▶ **THE TASK**:
Omit the pictures and output exactly the lines from the start of the entries through the line containing "world=origin(), true_north=direction((0.0, 1.0)))".

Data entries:
◇ ◇ ◇ ◇ ◇

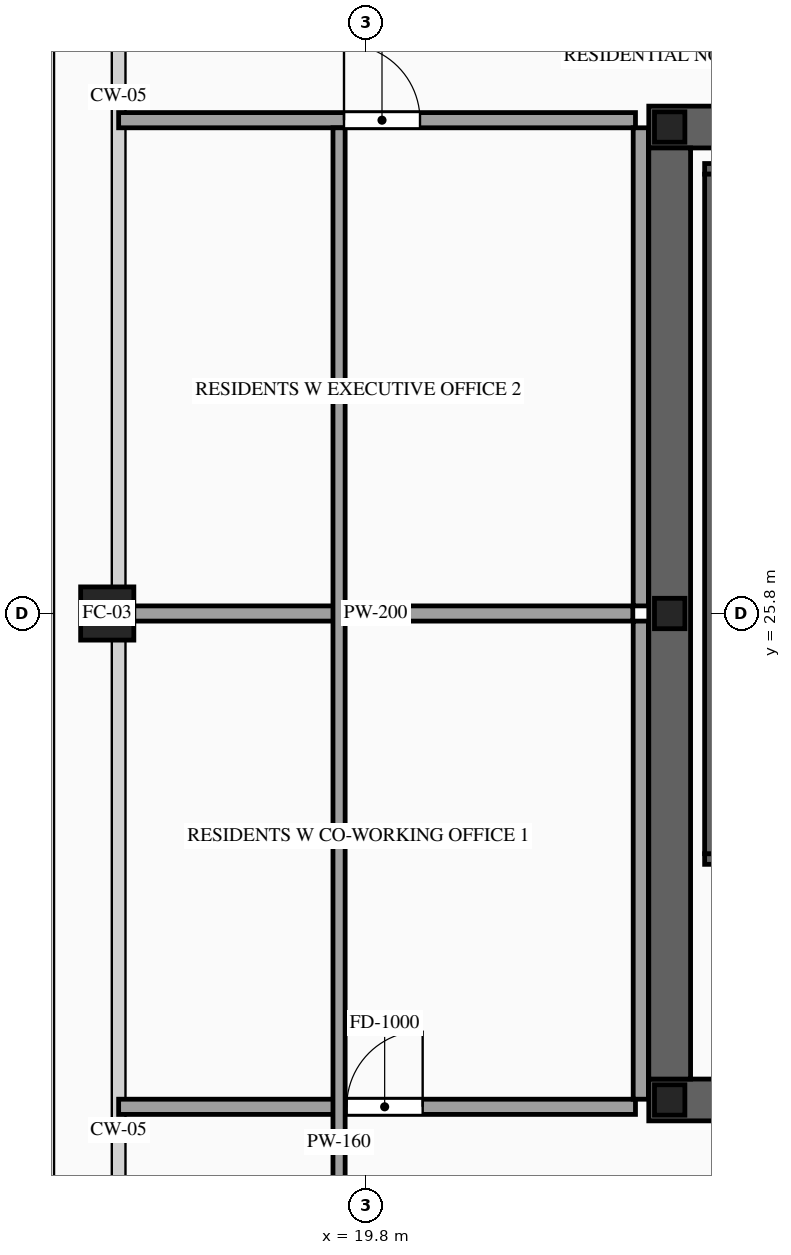
"""IFC4 building model, lengths in metres.
Left out: names, types, materials, properties, quantities, classifications, styles, units other than length and angle.
Written with IfcOpenShell. Run it as: python <this file> out.ifc"""

import sys

from ifc_helpers import new_model, si_unit, direction, frame, frame_2d, origin, origin_2d, place, context, subcontext, project, spatial, rectangle, hollow_rectangle, i_section, extrude, source, transform, mapped, element, fill, save


model = new_model("IFC4")
c1 = context("Model", 3, precision=1e-05, world=origin(), true_north=direction((0.0, 1.0)))
c2 = subcontext(c1, "Body", "Model", "MODEL_VIEW")
j1 = project(units=[si_unit("LENGTHUNIT", "METRE"), si_unit("PLANEANGLEUNIT", "RADIAN")], contexts=[c1])
p1 = place(None, origin())
s1 = spatial("IfcSite", under=j1, at=p1, CompositionType="ELEMENT")
p2 = place(p1, origin())
s2 = spatial("IfcBuilding", under=s1, at=p2, CompositionType="ELEMENT")
p3 = place(p2, frame((0.0, 0.0, 248.6)))
s3 = spatial("IfcBuildingStorey", under=s2, at=p3, CompositionType="ELEMENT", Elevation=248.6)
p4 = place(p3, frame((23.525, 19.4, 0.0), z_axis=(0.0, 0.0, 1.0), x_axis=(1.0, 0.0, 0.0)))
e1 = element("IfcWall", 1, at=p4, inside=s3, PredefinedType="SHEAR", context=c2, shape_type="SweptSolid", body=[
    extrude(rectangle(XDim=26.95, YDim=0.55, at=frame_2d((13.475, 0.0))), origin(), (0.0, 0.0, 1.0), 3.5),
])
p5 = place(p4, frame((1.925, 0.0, 0.0)))
e2 = element("IfcOpeningElement", 2, at=p5, cuts=e1, PredefinedType="OPENING", context=c2, shape_type="SweptSolid", body=[
    extrude(rectangle(XDim=1.1, YDim=2.2, at=frame_2d((0.55, 1.1))), frame((0.0, 0.29, 0.0), z_axis=(0.0, -1.0, 0.0), x_axis=(1.0, 0.0, 0.0)), (0.0, 0.0, 1.0), 0.58),
])
p6 = place(p4, frame((9.825, 0.0, 0.0)))
e3 = element("IfcOpeningElement", 3, at=p6, cuts=e1, PredefinedType="OPENING", context=c2, shape_type="SweptSolid", body=[
    extrude(rectangle(XDim=1.1, YDim=2.2, at=frame_2d((0.55, 1.1))), frame((0.0, 0.29, 0.0), z_axis=(0.0, -1.0, 0.0), x_axis=(1.0, 0.0, 0.0)), (0.0, 0.0, 1.0), 0.58),
])
p7 = place(p4, frame((23.025, 0.0, 0.0)))
e4 = element("IfcOpeningElement", 4, at=p7, cuts=e1, PredefinedType="OPENING", context=c2, shape_type="SweptSolid", body=[
    extrude(rectangle(XDim=1.1, YDim=2.2, at=frame_2d((0.55, 1.1))), frame((0.0, 0.29, 0.0), z_axis=(0.0, -1.0, 0.0), x_axis=(1.0, 0.0, 0.0)), (0.0, 0.0, 1.0), 0.58),
])
p8 = place(p4, frame((19.645, 0.0, 0.0)))
e5 = element("IfcOpeningElement", 5, at=p8, cuts=e1, PredefinedType="OPENING", context=c2, shape_type="SweptSolid", body=[
    extrude(rectangle(XDim=0.9, YDim=2.15, at=frame_2d((0.45, 1.075))), frame((0.0, 0.29, 0.0), z_axis=(0.0, -1.0, 0.0), x_axis=(1.0, 0.0, 0.0)), (0.0, 0.0, 1.0), 0.58),
])
p9 = place(p4, frame((18.205, 0.0, 0.0)))
e6 = element("IfcOpeningElement", 6, at=p9, cuts=e1, PredefinedType="OPENING", context=c2, shape_type="SweptSolid", body=[
    extrude(rectangle(XDim=0.9, YDim=2.15, at=frame_2d((0.45, 1.075))), frame((0.0, 0.29, 0.0), z_axis=(0.0, -1.0, 0.0), x_axis=(1.0, 0.0, 0.0)), (0.0, 0.0, 1.0), 0.58),
])
p10 = place(p3, frame((23.525, 32.2, 0.0), z_axis=(0.0, 0.0, 1.0), x_axis=(1.0, 0.0, 0.0)))
e7 = element("IfcWall", 7, at=p10, inside=s3, PredefinedType="SHEAR", context=c2, shape_type="SweptSolid", body=[
    extrude(rectangle(XDim=26.95, YDim=0.55, at=frame_2d((13.475, 0.0))), origin(), (0.0, 0.0, 1.0), 3.5),
])
p11 = place(p10, frame((4.545, 0.0, 0.0)))
e8 = element("IfcOpeningElement", 8, at=p11, cuts=e7, PredefinedType="OPENING", context=c2, shape_type="SweptSolid", body=[
    extrude(rectangle(XDim=0.9, YDim=2.15, at=frame_2d((0.45, 1.075))), frame((0.0, 0.29, 0.0), z_axis=(0.0, -1.0, 0.0), x_axis=(1.0, 0.0, 0.0)), (0.0, 0.0, 1.0), 0.58),
])
p12 = place(p10, frame((9.825, 0.0, 0.0)))
e9 = element("IfcOpeningElement", 9, at=p12, cuts=e7, PredefinedType="OPENING", context=c2, shape_type="SweptSolid", body=[
    extrude(rectangle(XDim=1.1, YDim=2.2, at=frame_2d((0.55, 1.1))), frame((0.0, 0.29, 0.0), z_axis=(0.0, -1.0, 0.0), x_axis=(1.0, 0.0, 0.0)), (0.0, 0.0, 1.0), 0.58),
])
p13 = place(p10, frame((15.675, 0.0, 0.0)))
e10 = element("IfcOpeningElement", 10, at=p13, cuts=e7, PredefinedType="OPENING", context=c2, shape_type="SweptSolid", body=[
    extrude(rectangle(XDim=1.1, YDim=2.2, at=frame_2d((0.55, 1.1))), frame((0.0, 0.29, 0.0), z_axis=(0.0, -1.0, 0.0), x_axis=(1.0, 0.0, 0.0)), (0.0, 0.0, 1.0), 0.58),
])
m1 = source(origin(), c2, "Body", "SweptSolid", [
    extrude(rectangle(XDim=12.25, YDim=0.55, at=frame_2d((6.125, 0.0))), origin(), (0.0, 0.0, 1.0), 3.5),
])
p14 = place(p3, frame((23.8, 19.675, 0.0), z_axis=(0.0, 0.0, 1.0), x_axis=(0.0, 1.0, 0.0)))
e11 = element("IfcWall", 11, at=p14, inside=s3, PredefinedType="SHEAR", context=c2, shape_type="MappedRepresentation", body=[
    mapped(m1, transform((0.0, 0.0, 0.0), scale=1.0)),
])
m2 = source(origin(), c2, "Body", "SweptSolid", [
    extrude(i_section(OverallWidth=0.4, OverallDepth=0.4, WebThickness=0.013, FlangeThickness=0.021, at=origin_2d()), origin(), (0.0, 0.0, 1.0), 3.5),
])
for number, where, z_axis, x_axis in (
    (12, (23.8, 19.4, 0.0), (0.0, 0.0, 1.0), (1.0, 0.0, 0.0)),
    (13, (23.8, 25.8, 0.0), (0.0, 0.0, 1.0), (1.0, 0.0, 0.0)),
    (14, (23.8, 32.2, 0.0), (0.0, 0.0, 1.0), (1.0, 0.0, 0.0)),
):
    element("IfcColumn", number, at=place(p3, frame(where, z_axis=z_axis, x_axis=x_axis)), inside=s3, PredefinedType="COLUMN", context=c2, shape_type="MappedRepresentation", body=[
        mapped(m2, transform((0.0, 0.0, 0.0), scale=1.0)),
    ])
m3 = source(origin(), c2, "Body", "SweptSolid", [
    extrude(hollow_rectangle(XDim=0.7, YDim=0.7, WallThickness=0.032, at=origin_2d()), origin(), (0.0, 0.0, 1.0), 3.5),
])
p15 = place(p3, frame((16.4, 25.8, 0.0), z_axis=(0.0, 0.0, 1.0), x_axis=(1.0, 0.0, 0.0)))
e15 = element("IfcColumn", 15, at=p15, inside=s3, PredefinedType="COLUMN", context=c2, shape_type="MappedRepresentation", body=[
    mapped(m3, transform((0.0, 0.0, 0.0), scale=1.0)),
])
p16 = place(p3, frame((24.26, 22.57, 0.0), z_axis=(0.0, 0.0, 1.0), x_axis=(1.0, 0.0, 0.0)))
e16 = element("IfcWall", 16, at=p16, inside=s3, PredefinedType="SOLIDWALL", context=c2, shape_type="SweptSolid", body=[
    extrude(rectangle(XDim=3.28, YDim=0.14, at=frame_2d((1.64, 0.0))), origin(), (0.0, 0.0, 1.0), 3.28),
])
p17 = place(p16, frame((1.09, 0.0, 0.0)))
e17 = element("IfcOpeningElement", 17, at=p17, cuts=e16, PredefinedType="OPENING", context=c2, shape_type="SweptSolid", body=[
    extrude(rectangle(XDim=1.1, YDim=2.2, at=frame_2d((0.55, 1.1))), frame((0.0, 0.085, 0.0), z_axis=(0.0, -1.0, 0.0), x_axis=(1.0, 0.0, 0.0)), (0.0, 0.0, 1.0), 0.17),
])
m4 = source(origin(), c2, "Body", "SweptSolid", [
    extrude(rectangle(XDim=3.28, YDim=0.14, at=frame_2d((1.64, 0.0))), origin(), (0.0, 0.0, 1.0), 3.28),
])
p18 = place(p3, frame((24.26, 31.65, 0.0), z_axis=(0.0, 0.0, 1.0), x_axis=(1.0, 0.0, 0.0)))
e18 = element("IfcWall", 18, at=p18, inside=s3, PredefinedType="SOLIDWALL", context=c2, shape_type="MappedRepresentation", body=[
    mapped(m4, transform((0.0, 0.0, 0.0), scale=1.0)),
])
m5 = source(origin(), c2, "Body", "SweptSolid", [
    extrude(rectangle(XDim=8.94, YDim=0.14, at=frame_2d((4.47, 0.0))), origin(), (0.0, 0.0, 1.0), 3.28),
])
p19 = place(p3, frame((24.33, 22.64, 0.0), z_axis=(0.0, 0.0, 1.0), x_axis=(0.0, 1.0, 0.0)))
e19 = element("IfcWall", 19, at=p19, inside=s3, PredefinedType="SOLIDWALL", context=c2, shape_type="MappedRepresentation", body=[
    mapped(m5, transform((0.0, 0.0, 0.0), scale=1.0)),
])
p20 = place(p3, frame((16.55, 19.31, 0.0), z_axis=(0.0, 0.0, 1.0), x_axis=(1.0, 0.0, 0.0)))
e20 = element("IfcWall", 20, at=p20, inside=s3, PredefinedType="PARTITIONING", context=c2, shape_type="SweptSolid", body=[
    extrude(rectangle(XDim=6.8, YDim=0.2, at=frame_2d((3.4, 0.0))), origin(), (0.0, 0.0, 1.0), 2.825),
])
p21 = place(p20, frame((3.0, 0.0, 0.0)))
e21 = element("IfcOpeningElement", 21, at=p21, cuts=e20, PredefinedType="OPENING", context=c2, shape_type="SweptSolid", body=[
    extrude(rectangle(XDim=1.0, YDim=2.2, at=frame_2d((0.5, 1.1))), frame((0.0, 0.115, 0.0), z_axis=(0.0, -1.0, 0.0), x_axis=(1.0, 0.0, 0.0)), (0.0, 0.0, 1.0), 0.23),
])
m6 = source(origin(), c2, "Body", "SweptSolid", [
    extrude(rectangle(XDim=6.765, YDim=0.2, at=frame_2d((3.382, 0.0))), origin(), (0.0, 0.0, 1.0), 2.787),
])
p22 = place(p3, frame((16.55, 25.8, 0.0), z_axis=(0.0, 0.0, 1.0), x_axis=(1.0, 0.0, 0.0)))
e22 = element("IfcWall", 22, at=p22, inside=s3, PredefinedType="PARTITIONING", context=c2, shape_type="MappedRepresentation", body=[
    mapped(m6, transform((0.0, 0.0, 0.0), scale=1.0)),
])
m7 = source(origin(), c2, "Body", "SweptSolid", [
    extrude(rectangle(XDim=6.29, YDim=0.2, at=frame_2d((3.145, 0.0))), origin(), (0.0, 0.0, 1.0), 3.28),
])
p23 = place(p3, frame((23.42, 19.41, 0.0), z_axis=(0.0, 0.0, 1.0), x_axis=(0.0, 1.0, 0.0)))
e23 = element("IfcWall", 23, at=p23, inside=s3, PredefinedType="PARTITIONING", context=c2, shape_type="MappedRepresentation", body=[
    mapped(m7, transform((0.0, 0.0, 0.0), scale=1.0)),
])
p24 = place(p3, frame((16.55, 32.29, 0.0), z_axis=(0.0, 0.0, 1.0), x_axis=(1.0, 0.0, 0.0)))
e24 = element("IfcWall", 24, at=p24, inside=s3, PredefinedType="PARTITIONING", context=c2, shape_type="SweptSolid", body=[
    extrude(rectangle(XDim=6.8, YDim=0.2, at=frame_2d((3.4, 0.0))), origin(), (0.0, 0.0, 1.0), 2.825),
])
p25 = place(p24, frame((2.965, 0.0, 0.0)))
e25 = element("IfcOpeningElement", 25, at=p25, cuts=e24, PredefinedType="OPENING", context=c2, shape_type="SweptSolid", body=[
    extrude(rectangle(XDim=1.0, YDim=2.2, at=frame_2d((0.5, 1.1))), frame((0.0, 0.115, 0.0), z_axis=(0.0, -1.0, 0.0), x_axis=(1.0, 0.0, 0.0)), (0.0, 0.0, 1.0), 0.23),
])
m8 = source(origin(), c2, "Body", "SweptSolid", [
    extrude(rectangle(XDim=26.69, YDim=0.16, at=frame_2d((13.345, 0.0))), origin(), (0.0, 0.0, 1.0), 3.28),
])
p26 = place(p3, frame((19.45, 5.5, 0.0), z_axis=(0.0, 0.0, 1.0), x_axis=(0.0, 1.0, 0.0)))
e26 = element("IfcWall", 26, at=p26, inside=s3, PredefinedType="PARTITIONING", context=c2, shape_type="MappedRepresentation", body=[
    mapped(m8, transform((0.0, 0.0, 0.0), scale=1.0)),
])
p27 = place(p3, frame((23.42, 25.9, 0.0), z_axis=(0.0, 0.0, 1.0), x_axis=(0.0, 1.0, 0.0)))
e27 = element("IfcWall", 27, at=p27, inside=s3, PredefinedType="PARTITIONING", context=c2, shape_type="MappedRepresentation", body=[
    mapped(m7, transform((0.0, 0.0, 0.0), scale=1.0)),
])
m9 = source(origin(), c2, "Body", "SweptSolid", [
    extrude(rectangle(XDim=1.0, YDim=2.2, at=frame_2d((0.5, 1.1))), frame((0.0, 0.025, 0.0), z_axis=(0.0, -1.0, 0.0), x_axis=(1.0, 0.0, 0.0)), (0.0, 0.0, 1.0), 0.05),
])
p28 = place(p21, origin())
e28 = element("IfcDoor", 28, at=p28, inside=s3, OperationType="SINGLE_SWING_RIGHT", PredefinedType="DOOR", context=c2, shape_type="MappedRepresentation", body=[
    mapped(m9, transform((0.0, 0.0, 0.0), scale=1.0)),
])
fill(e21, e28)
p29 = place(p25, origin())
e29 = element("IfcDoor", 29, at=p29, inside=s3, OperationType="SINGLE_SWING_LEFT", PredefinedType="DOOR", context=c2, shape_type="MappedRepresentation", body=[
    mapped(m9, transform((0.0, 0.0, 0.0), scale=1.0)),
])
fill(e25, e29)
save(model, sys.argv[1])

◇ ◇ ◇ ◇ ◇

▶ **ANSWER TO THIS EXERCISE**:
"""IFC4 building model, lengths in metres.
Left out: names, types, materials, properties, quantities, classifications, styles, units other than length and angle.
Written with IfcOpenShell. Run it as: python <this file> out.ifc"""

import sys

from ifc_helpers import new_model, si_unit, direction, frame, frame_2d, origin, origin_2d, place, context, subcontext, project, spatial, rectangle, hollow_rectangle, i_section, extrude, source, transform, mapped, element, fill, save


model = new_model("IFC4")
c1 = context("Model", 3, precision=1e-05, world=origin(), true_north=direction((0.0, 1.0)))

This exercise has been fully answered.